--- Data for review Enclosed Below ---

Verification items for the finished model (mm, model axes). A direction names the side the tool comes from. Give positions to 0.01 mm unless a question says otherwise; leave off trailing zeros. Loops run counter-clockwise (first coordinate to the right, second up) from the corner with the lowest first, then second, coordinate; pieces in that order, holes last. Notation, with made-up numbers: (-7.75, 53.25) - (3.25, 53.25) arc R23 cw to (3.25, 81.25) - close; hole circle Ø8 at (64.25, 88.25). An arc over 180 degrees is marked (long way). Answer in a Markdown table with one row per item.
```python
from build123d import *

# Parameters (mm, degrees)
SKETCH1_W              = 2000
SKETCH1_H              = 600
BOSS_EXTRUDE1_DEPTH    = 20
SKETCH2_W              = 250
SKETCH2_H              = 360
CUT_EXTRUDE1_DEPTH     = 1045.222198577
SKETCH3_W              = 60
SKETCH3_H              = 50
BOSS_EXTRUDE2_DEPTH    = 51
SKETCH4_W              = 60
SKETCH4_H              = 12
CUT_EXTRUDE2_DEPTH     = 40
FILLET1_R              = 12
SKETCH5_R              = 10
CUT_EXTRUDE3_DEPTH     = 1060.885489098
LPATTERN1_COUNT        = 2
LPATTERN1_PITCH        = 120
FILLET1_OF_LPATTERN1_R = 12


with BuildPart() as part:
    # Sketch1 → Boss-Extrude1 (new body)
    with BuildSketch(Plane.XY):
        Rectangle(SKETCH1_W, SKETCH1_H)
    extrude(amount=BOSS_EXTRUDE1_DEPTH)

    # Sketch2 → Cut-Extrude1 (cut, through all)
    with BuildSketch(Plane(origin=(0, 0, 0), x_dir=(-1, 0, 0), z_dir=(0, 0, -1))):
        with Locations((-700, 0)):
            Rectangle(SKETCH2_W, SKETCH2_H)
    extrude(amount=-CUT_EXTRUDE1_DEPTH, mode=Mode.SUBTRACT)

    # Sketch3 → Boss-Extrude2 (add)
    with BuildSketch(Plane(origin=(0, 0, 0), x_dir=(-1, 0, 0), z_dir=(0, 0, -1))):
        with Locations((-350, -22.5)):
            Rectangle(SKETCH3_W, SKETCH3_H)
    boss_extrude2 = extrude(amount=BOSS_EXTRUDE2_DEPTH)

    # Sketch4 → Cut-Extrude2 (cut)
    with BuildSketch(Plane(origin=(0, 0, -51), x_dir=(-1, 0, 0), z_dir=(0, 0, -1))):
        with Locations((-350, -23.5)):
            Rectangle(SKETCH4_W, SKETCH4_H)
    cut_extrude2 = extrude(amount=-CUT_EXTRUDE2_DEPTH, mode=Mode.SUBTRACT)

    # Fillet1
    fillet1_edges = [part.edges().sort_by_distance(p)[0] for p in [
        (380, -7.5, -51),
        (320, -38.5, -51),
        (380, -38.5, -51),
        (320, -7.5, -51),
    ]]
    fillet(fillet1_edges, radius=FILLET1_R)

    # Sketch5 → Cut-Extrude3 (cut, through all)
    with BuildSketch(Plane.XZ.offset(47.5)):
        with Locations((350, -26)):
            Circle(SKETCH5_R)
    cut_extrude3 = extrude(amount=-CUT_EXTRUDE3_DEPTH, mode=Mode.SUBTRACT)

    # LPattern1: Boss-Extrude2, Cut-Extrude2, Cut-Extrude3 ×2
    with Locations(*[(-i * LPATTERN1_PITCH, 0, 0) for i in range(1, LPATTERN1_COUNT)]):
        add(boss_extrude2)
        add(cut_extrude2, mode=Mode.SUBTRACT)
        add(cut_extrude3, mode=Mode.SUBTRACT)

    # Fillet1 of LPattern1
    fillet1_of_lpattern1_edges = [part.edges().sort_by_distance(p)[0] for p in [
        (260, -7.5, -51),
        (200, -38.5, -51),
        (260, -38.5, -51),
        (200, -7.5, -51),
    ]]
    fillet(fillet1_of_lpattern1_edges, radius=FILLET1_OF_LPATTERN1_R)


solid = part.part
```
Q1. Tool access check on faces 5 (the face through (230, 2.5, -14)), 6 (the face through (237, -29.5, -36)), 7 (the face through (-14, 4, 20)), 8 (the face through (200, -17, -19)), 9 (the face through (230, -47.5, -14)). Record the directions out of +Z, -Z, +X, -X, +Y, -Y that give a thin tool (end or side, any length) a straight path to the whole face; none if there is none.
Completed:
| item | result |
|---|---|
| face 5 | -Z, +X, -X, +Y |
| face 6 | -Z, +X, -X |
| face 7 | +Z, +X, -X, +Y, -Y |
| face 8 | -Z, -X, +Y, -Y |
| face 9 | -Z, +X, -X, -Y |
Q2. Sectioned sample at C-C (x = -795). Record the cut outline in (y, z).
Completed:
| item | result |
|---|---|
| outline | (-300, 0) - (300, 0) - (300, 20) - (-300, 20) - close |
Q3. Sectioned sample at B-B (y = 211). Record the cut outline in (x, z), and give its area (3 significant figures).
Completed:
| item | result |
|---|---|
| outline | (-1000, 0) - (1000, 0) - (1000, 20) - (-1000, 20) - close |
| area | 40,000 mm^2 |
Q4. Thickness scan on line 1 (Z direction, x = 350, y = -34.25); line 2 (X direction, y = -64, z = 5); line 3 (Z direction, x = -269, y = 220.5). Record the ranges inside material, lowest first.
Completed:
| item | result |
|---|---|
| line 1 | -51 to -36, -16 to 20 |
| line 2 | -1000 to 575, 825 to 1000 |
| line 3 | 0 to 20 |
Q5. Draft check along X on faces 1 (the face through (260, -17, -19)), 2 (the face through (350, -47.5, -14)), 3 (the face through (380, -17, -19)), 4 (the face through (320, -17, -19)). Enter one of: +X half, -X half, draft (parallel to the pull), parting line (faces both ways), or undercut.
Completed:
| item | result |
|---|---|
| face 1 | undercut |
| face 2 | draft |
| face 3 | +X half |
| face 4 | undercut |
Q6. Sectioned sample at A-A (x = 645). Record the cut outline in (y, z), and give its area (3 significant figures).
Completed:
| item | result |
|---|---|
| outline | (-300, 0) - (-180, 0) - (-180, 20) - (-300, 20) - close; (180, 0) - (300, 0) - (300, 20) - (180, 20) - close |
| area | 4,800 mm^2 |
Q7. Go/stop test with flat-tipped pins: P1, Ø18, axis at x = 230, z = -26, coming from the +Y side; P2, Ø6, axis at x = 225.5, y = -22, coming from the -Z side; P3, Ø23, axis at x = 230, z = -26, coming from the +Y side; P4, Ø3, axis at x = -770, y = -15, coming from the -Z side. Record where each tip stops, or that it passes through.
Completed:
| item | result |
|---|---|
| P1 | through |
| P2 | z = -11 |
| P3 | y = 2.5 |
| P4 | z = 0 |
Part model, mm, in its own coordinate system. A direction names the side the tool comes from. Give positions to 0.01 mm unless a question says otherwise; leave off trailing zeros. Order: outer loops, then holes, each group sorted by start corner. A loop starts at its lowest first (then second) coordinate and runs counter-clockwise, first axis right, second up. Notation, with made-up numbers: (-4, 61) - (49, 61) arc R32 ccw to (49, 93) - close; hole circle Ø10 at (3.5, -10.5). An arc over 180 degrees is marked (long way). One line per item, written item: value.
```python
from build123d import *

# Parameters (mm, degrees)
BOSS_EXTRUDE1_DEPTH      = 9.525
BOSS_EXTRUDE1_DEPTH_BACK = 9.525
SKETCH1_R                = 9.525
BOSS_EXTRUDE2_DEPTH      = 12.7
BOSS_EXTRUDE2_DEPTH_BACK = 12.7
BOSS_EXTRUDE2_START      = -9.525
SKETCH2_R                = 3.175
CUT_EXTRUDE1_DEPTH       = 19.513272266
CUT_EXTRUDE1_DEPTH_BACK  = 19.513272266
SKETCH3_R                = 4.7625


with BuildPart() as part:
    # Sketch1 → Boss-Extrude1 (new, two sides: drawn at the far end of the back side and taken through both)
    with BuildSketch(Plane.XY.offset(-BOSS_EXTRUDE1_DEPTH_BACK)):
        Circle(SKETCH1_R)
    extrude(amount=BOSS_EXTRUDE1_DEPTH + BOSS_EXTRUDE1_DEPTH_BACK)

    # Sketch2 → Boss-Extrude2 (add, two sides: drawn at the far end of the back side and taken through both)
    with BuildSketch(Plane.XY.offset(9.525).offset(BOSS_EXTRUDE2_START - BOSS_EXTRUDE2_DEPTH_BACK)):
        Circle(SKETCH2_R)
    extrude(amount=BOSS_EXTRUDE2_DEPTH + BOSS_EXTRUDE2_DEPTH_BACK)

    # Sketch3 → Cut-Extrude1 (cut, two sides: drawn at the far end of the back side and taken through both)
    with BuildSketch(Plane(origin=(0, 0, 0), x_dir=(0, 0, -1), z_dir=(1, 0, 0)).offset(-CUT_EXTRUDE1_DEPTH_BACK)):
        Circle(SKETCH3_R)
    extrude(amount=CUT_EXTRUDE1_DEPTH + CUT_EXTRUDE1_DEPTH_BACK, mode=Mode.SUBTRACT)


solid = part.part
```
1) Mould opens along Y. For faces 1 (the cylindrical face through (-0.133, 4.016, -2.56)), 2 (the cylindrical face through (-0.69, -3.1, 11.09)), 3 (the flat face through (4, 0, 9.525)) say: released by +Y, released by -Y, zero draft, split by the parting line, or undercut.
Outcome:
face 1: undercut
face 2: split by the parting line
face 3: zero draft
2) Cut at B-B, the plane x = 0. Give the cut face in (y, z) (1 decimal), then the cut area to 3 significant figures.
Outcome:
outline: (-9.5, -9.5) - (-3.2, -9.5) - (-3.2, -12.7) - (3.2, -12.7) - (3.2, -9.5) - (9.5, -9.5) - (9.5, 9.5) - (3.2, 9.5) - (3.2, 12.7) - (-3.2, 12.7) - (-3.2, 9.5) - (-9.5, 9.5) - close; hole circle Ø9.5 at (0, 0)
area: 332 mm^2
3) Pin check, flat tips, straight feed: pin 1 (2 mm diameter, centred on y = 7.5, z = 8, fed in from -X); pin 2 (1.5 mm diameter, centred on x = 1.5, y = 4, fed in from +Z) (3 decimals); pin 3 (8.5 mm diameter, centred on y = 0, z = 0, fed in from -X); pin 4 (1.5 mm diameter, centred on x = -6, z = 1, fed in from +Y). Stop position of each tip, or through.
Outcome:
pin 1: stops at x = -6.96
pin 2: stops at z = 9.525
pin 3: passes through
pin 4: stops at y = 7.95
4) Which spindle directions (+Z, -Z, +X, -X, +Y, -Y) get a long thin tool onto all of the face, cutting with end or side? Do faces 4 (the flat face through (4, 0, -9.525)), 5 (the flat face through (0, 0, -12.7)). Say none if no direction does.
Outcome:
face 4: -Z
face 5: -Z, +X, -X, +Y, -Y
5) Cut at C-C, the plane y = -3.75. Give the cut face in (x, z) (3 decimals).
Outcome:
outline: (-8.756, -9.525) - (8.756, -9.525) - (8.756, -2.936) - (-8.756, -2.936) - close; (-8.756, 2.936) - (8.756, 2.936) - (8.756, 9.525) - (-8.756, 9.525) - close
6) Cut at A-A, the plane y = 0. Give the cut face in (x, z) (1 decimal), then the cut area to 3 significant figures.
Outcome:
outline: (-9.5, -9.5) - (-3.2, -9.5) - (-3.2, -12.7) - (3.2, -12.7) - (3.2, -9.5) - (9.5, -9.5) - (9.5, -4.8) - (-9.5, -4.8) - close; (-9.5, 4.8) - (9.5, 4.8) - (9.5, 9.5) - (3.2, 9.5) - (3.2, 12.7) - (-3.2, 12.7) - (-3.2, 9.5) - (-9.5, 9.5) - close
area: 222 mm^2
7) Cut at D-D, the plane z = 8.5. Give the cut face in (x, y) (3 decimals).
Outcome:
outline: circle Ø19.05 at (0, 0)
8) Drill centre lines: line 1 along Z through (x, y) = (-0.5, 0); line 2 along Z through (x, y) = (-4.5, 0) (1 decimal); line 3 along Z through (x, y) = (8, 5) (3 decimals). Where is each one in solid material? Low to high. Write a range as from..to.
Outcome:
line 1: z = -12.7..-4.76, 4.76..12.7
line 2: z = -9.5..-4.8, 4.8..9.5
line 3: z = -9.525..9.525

--- End of Enclosed Data for review ---

→ Work to complete: Return, unchanged, the run of lines above that opens with the line containing "pin 3: passes through" and closes with the line containing "outline: circle Ø19.05 at (0, 0)". Include both.

→ Response to the task:
pin 3: passes through
pin 4: stops at y = 7.95
4) Which spindle directions (+Z, -Z, +X, -X, +Y, -Y) get a long thin tool onto all of the face, cutting with end or side? Do faces 4 (the flat face through (4, 0, -9.525)), 5 (the flat face through (0, 0, -12.7)). Say none if no direction does.
Outcome:
face 4: -Z
face 5: -Z, +X, -X, +Y, -Y
5) Cut at C-C, the plane y = -3.75. Give the cut face in (x, z) (3 decimals).
Outcome:
outline: (-8.756, -9.525) - (8.756, -9.525) - (8.756, -2.936) - (-8.756, -2.936) - close; (-8.756, 2.936) - (8.756, 2.936) - (8.756, 9.525) - (-8.756, 9.525) - close
6) Cut at A-A, the plane y = 0. Give the cut face in (x, z) (1 decimal), then the cut area to 3 significant figures.
Outcome:
outline: (-9.5, -9.5) - (-3.2, -9.5) - (-3.2, -12.7) - (3.2, -12.7) - (3.2, -9.5) - (9.5, -9.5) - (9.5, -4.8) - (-9.5, -4.8) - close; (-9.5, 4.8) - (9.5, 4.8) - (9.5, 9.5) - (3.2, 9.5) - (3.2, 12.7) - (-3.2, 12.7) - (-3.2, 9.5) - (-9.5, 9.5) - close
area: 222 mm^2
7) Cut at D-D, the plane z = 8.5. Give the cut face in (x, y) (3 decimals).
Outcome:
outline: circle Ø19.05 at (0, 0)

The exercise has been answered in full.